EXERCISE DESCRIPTION:
Go through the entries and copy every line that has the string "lineweight" in it.
***** EXTRACTED DATA *****
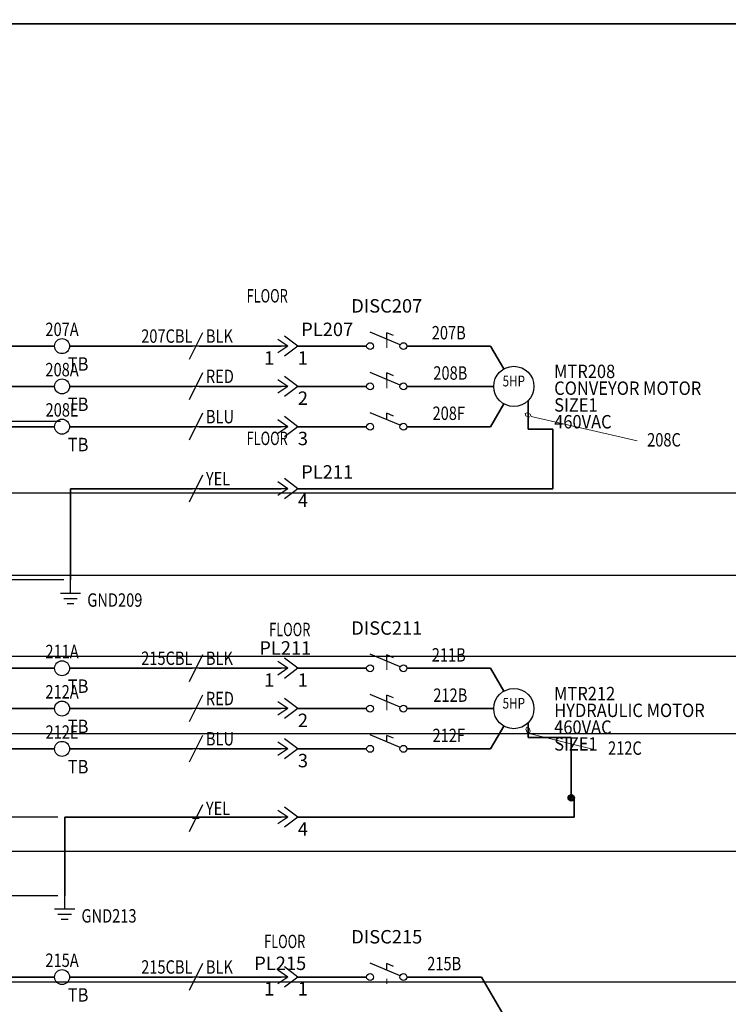
# Model space of a CAD drawing. Extents: x 0 to 33.5, y 0 to 22.4.
# Tile 4 of 8: x 13.3 to 19.9, y 8.5 to 17.7. Entities that reach past the tile are written whole.
import ezdxf
from ezdxf.enums import TextEntityAlignment as Align

# ---------------------------------------------------------------- set-up
doc = ezdxf.new("R2010")
doc.units = 0
doc.header["$MEASUREMENT"] = 0
for name, color, linetype, lineweight in [('A-ANNO-DIMS', 2, 'Continuous', 18), ('LINK', 9, 'Continuous', 18), ('MISC', 7, 'Continuous', 13), ('SYMS', 7, 'Continuous', 25), ('WIRENO', 72, 'Continuous', 18), ('WIRES', 7, 'Continuous', 35)]:
    doc.layers.add(name, color=color, linetype=linetype, lineweight=lineweight)
for name, color, linetype in [('DESC', 150, 'Continuous'), ('DESCCHILD', 20, 'Continuous'), ('TAGS', 150, 'Continuous'), ('TERMS', 123, 'Continuous'), ('WIREREF', 52, 'Continuous')]:
    doc.layers.add(name, color=color, linetype=linetype)
doc.styles.add('WD', font='romans.shx')
doc.dimstyles.get("Standard").update_dxf_attribs({"dimtxt": 0.18, "dimasz": 0.18, "dimexe": 0.18, "dimexo": 0.0625, "dimgap": 0.09, "dimtad": 0, "dimtih": 1, "dimtoh": 1, "dimdec": 4, "dimzin": 0, "dimdsep": 46, "dimtxsty": 'Standard', "dimcen": 0.09, "dimadec": 0, "dimazin": 0, "dimtfac": 1, "dimtdec": 4, "dimtofl": 0, "dimtmove": 0, "dimatfit": 3, "dimfxl": 1, "dimtolj": 1, "dimtzin": 0, "dimarcsym": 0})

# ---------------------------------------------------------------- blocks, each defined once
blk = doc.blocks.new('HT0W02')
blk.add_circle((0, 0), 0.0699)
at = {"style": 'WD'}
for tag, p, width in [('INST', (0.0625, 0.4196), 0.7), ('LOC', (0.0625, 0.25), 0.7), ('DESC1', (0.0532, -0.3851), 0.8)]:
    blk.add_attdef(tag, p, '', height=0.125, dxfattribs=dict(at, width=width))
at = {"style": 'WD', "width": 0.8, "flags": 8}
blk.add_attdef('WIRENO', text='', height=0.125, dxfattribs=at).set_placement((0, 0.0938), align=Align.CENTER)
at = {"style": 'WD', "flags": 1}
for tag, p, height in [('X4TERM01', (-0.0699, 0), 0.0125), ('X4TERMDESC01', (-0.0552, -0.0229), 0.025), ('X2TERMDESC01', (-0.006, 0.0287), 0.025), ('STRIPSEQ', (0, 0), 0.00125), ('X2TERM01', (0, 0.0699), 0.0125), ('X1TERMDESC01', (0.0393, -0.0027), 0.025), ('X1TERM01', (0.0699, 0), 0.0125), ('LINKTERM', (0, -0.0019), 0.00125), ('X8TERM01', (0, -0.0699), 0.0125), ('X8TERMDESC01', (0, -0.0535), 0.025)]:
    blk.add_attdef(tag, p, '', height=height, dxfattribs=at)
at = {"style": 'WD'}
for tag, p, height, width, flags in [('TAGSTRIP', (0.0532, -0.2288), 0.125, 0.9, 8), ('ASSYCODE', (0.0625, -0.2812), 0.01, 0.7, 1), ('CAT', (0.2132, -0.4063), 0.1094, 0.8, 1), ('DESC2', (0.0532, -0.5413), 0.125, 0.8, 8), ('DESC3', (0.0532, -0.6976), 0.125, 0.8, 8)]:
    blk.add_attdef(tag, p, '', height=height, dxfattribs=dict(at, width=width, flags=flags))
at = {"style": 'WD', "width": 0.8, "flags": 1}
blk.add_attdef('MFG', text='', height=0.1094, dxfattribs=at).set_placement((0.0882, -0.4063), align=Align.RIGHT)
blk = doc.blocks.new('HMO13')
blk.add_circle((0, 0), 0.1875)
at = {"style": 'WD'}
for tag, p, width in [('INST', (0.3805, 0.4032), 0.7), ('LOC', (0.3805, 0.2336), 0.7), ('TAG1', (0.375, 0.0774), 0.9), ('DESC1', (0.376, -0.0789), 0.9), ('DESC2', (0.376, -0.2351), 0.9), ('DESC3', (0.376, -0.3914), 0.9), ('RATING3', (0.375, -0.5476), 0.8), ('RATING4', (0.375, -0.7039), 0.8), ('WDTAGALT', (0.375, -0.875), 0.7)]:
    blk.add_attdef(tag, p, '', height=0.125, dxfattribs=dict(at, width=width))
at = {"style": 'WD', "width": 0.8}
blk.add_attdef('RATING1', text='', height=0.1, dxfattribs=at).set_placement((0, 0), align=Align.CENTER)
at = {"style": 'WD', "flags": 1}
for tag, p in [('X0TERM01', (-0.0938, 0.1624)), ('X4TERM02', (-0.1875, 0)), ('X0TERM03', (-0.0938, -0.1624)), ('X0TERM04', (0.1326, -0.1326))]:
    blk.add_attdef(tag, p, '', height=0.0125, dxfattribs=at)
at = {"style": 'WD', "flags": 9}
for tag, p in [('ASSYCODE', (0, 0.125)), ('FAMILY', (-0.0053, 0.1698))]:
    blk.add_attdef(tag, text='', height=0.01, dxfattribs=at).set_placement(p, align=Align.CENTER)
at = {"style": 'WD', "flags": 1}
for tag, p in [('MFG', (0, 0.1404)), ('CAT', (0, 0.1593))]:
    blk.add_attdef(tag, text='', height=0.01, dxfattribs=at).set_placement(p, align=Align.MIDDLE)
at = {"style": 'WD', "width": 0.8}
blk.add_attdef('RATING2', text='', height=0.1, dxfattribs=at).set_placement((0, -0.0312), align=Align.TOP_CENTER)
blk = doc.blocks.new('HDS11')
for p, q in [((0.1257, 0.0127), (-0.1559, 0.1301)), ((0, 0.0651), (0, 0.125)), ((0.0625, 0.099), (0, 0.125))]:
    blk.add_line(p, q)
for centre in [(-0.1553, 0), (0.1553, 0)]:
    blk.add_circle(centre, 0.0322)
at = {"style": 'WD', "width": 0.7}
for tag, p in [('INST', (0, 0.625)), ('LOC', (0, 0.4688)), ('RATING1', (0, 0.1562)), ('XREF', (0, -0.2363)), ('DESC1', (0, -0.4062)), ('DESC2', (0, -0.5625))]:
    blk.add_attdef(tag, text='', height=0.125, dxfattribs=at).set_placement(p, align=Align.CENTER)
at = {"style": 'WD'}
blk.add_attdef('TAG1', text='', height=0.125, dxfattribs=at).set_placement((0, 0.3125), align=Align.CENTER)
for tag, p in [('X2LINK', (0, 0.4375)), ('X8LINK', (0, -0.0156))]:
    blk.add_attdef(tag, p, '', height=0.01, dxfattribs=at)
for tag, p, height, flags in [('FAMILY', (0.2062, 0.1306), 0.01, 9), ('X4TERM01', (-0.1875, 0), 0.0125, 1), ('X1TERM02', (0.1875, 0), 0.0125, 1), ('CONTACT', (0.2062, 0.0401), 0.01, 9)]:
    blk.add_attdef(tag, p, '', height=height, dxfattribs=dict(at, flags=flags))
at = {"style": 'WD', "flags": 9}
for tag, p in [('MFG', (0.2278, 0.0887)), ('CAT', (0.2297, 0.1082)), ('ASSYCODE', (0.2188, 0.0625))]:
    blk.add_attdef(tag, text='', height=0.01, dxfattribs=at).set_placement(p, align=Align.CENTER)
at = {"style": 'WD', "flags": 8}
blk.add_attdef('TERM01', text='', height=0.125, dxfattribs=at).set_placement((-0.25, -0.0314), align=Align.TOP_RIGHT)
blk.add_attdef('TERM02', text='', height=0.125, dxfattribs=at).set_placement((0.25, -0.0314), align=Align.TOP_LEFT)
blk = doc.blocks.new('WDDOT')
for radius in [0.03, 0.0187, 0.00929]:
    blk.add_circle((0, 0), radius)
blk = doc.blocks.new('VGND2')
for p, q in [((0, -0.125), (0, 0)), ((0.09375, -0.125), (-0.09375, -0.125)), ((-0.0625, -0.171875), (0.0625, -0.171875)), ((-0.03125, -0.21875), (0.03125, -0.21875))]:
    blk.add_line(p, q)
at = {"style": 'WD', "width": 0.8}
for tag, p in [('INST', (0.15625, 0.125)), ('LOC', (0.15625, -0.03125)), ('TAG1', (0.15625, -0.1875)), ('DESC1', (0.15625, -0.34375)), ('DESC2', (0.15625, -0.5))]:
    blk.add_attdef(tag, text='', height=0.125, dxfattribs=at).set_placement(p, align=Align.MIDDLE_LEFT)
at = {"style": 'WD', "flags": 1}
for tag in ['ASSYCODE', 'X2TERM01', 'CAT', 'MFG', 'FAMILY']:
    blk.add_attdef(tag, (0, 0), '', height=0.01, dxfattribs=at)
blk = doc.blocks.new('HCN1PJ')
for p, q in [((0.0625, 0), (-0.0625, 0.0938)), ((-0.0312, 0), (-0.125, 0.0625)), ((-0.0312, 0), (-0.125, -0.0625)), ((-0.0312, 0), (-0.0938, 0)), ((0.0625, 0), (-0.0625, -0.0938))]:
    blk.add_line(p, q)
at = {"style": 'WD', "width": 0.7}
for tag, p in [('DESC1', (-0.0312, 0.4062)), ('DESC2', (-0.0312, 0.25))]:
    blk.add_attdef(tag, text='', height=0.125, dxfattribs=at).set_placement(p, align=Align.RIGHT)
for tag, p in [('INST', (0.0938, 0.4062)), ('LOC', (0.0938, 0.25))]:
    blk.add_attdef(tag, p, '', height=0.125, dxfattribs=at)
at = {"style": 'WD'}
for tag, p, height in [('TAG1', (0.0938, 0.0938), 0.125), ('X2LINK', (-0.0625, 0.125), 0.01), ('X8LINK', (-0.0625, -0.125), 0.01)]:
    blk.add_attdef(tag, p, '', height=height, dxfattribs=at)
for tag, p, height, flags in [('WDBLKNAM', (0.0484, 0.1036), 0.01, 9), ('FAMILY', (0.0484, 0.1211), 0.01, 9), ('X4TERMDESC01', (-0.1061, 0.0218), 0.01, 1), ('X4TERM01', (-0.0938, 0), 0.0125, 1), ('X1TERM02', (0.0625, 0), 0.0125, 1), ('X1TERMDESC02', (0.0672, 0.0164), 0.01, 1)]:
    blk.add_attdef(tag, p, '', height=height, dxfattribs=dict(at, flags=flags))
at = {"style": 'WD', "flags": 9}
for tag, p in [('ASSYCODE', (0.0668, 0.0437)), ('MFG', (0.0715, 0.0575)), ('CAT', (0.0735, 0.0769))]:
    blk.add_attdef(tag, text='', height=0.01, dxfattribs=at).set_placement(p, align=Align.CENTER)
at = {"style": 'WD', "flags": 8}
blk.add_attdef('TERM01', text='', height=0.125, dxfattribs=at).set_placement((-0.1562, -0.047), align=Align.TOP_RIGHT)
blk.add_attdef('TERM02', text='', height=0.125, dxfattribs=at).set_placement((0.0625, -0.047), align=Align.TOP_LEFT)
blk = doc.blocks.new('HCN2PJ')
*****
ANSWER:
for name, color, linetype, lineweight in [('A-ANNO-DIMS', 2, 'Continuous', 18), ('LINK', 9, 'Continuous', 18), ('MISC', 7, 'Continuous', 13), ('SYMS', 7, 'Continuous', 25), ('WIRENO', 72, 'Continuous', 18), ('WIRES', 7, 'Continuous', 35)]:
    doc.layers.add(name, color=color, linetype=linetype, lineweight=lineweight)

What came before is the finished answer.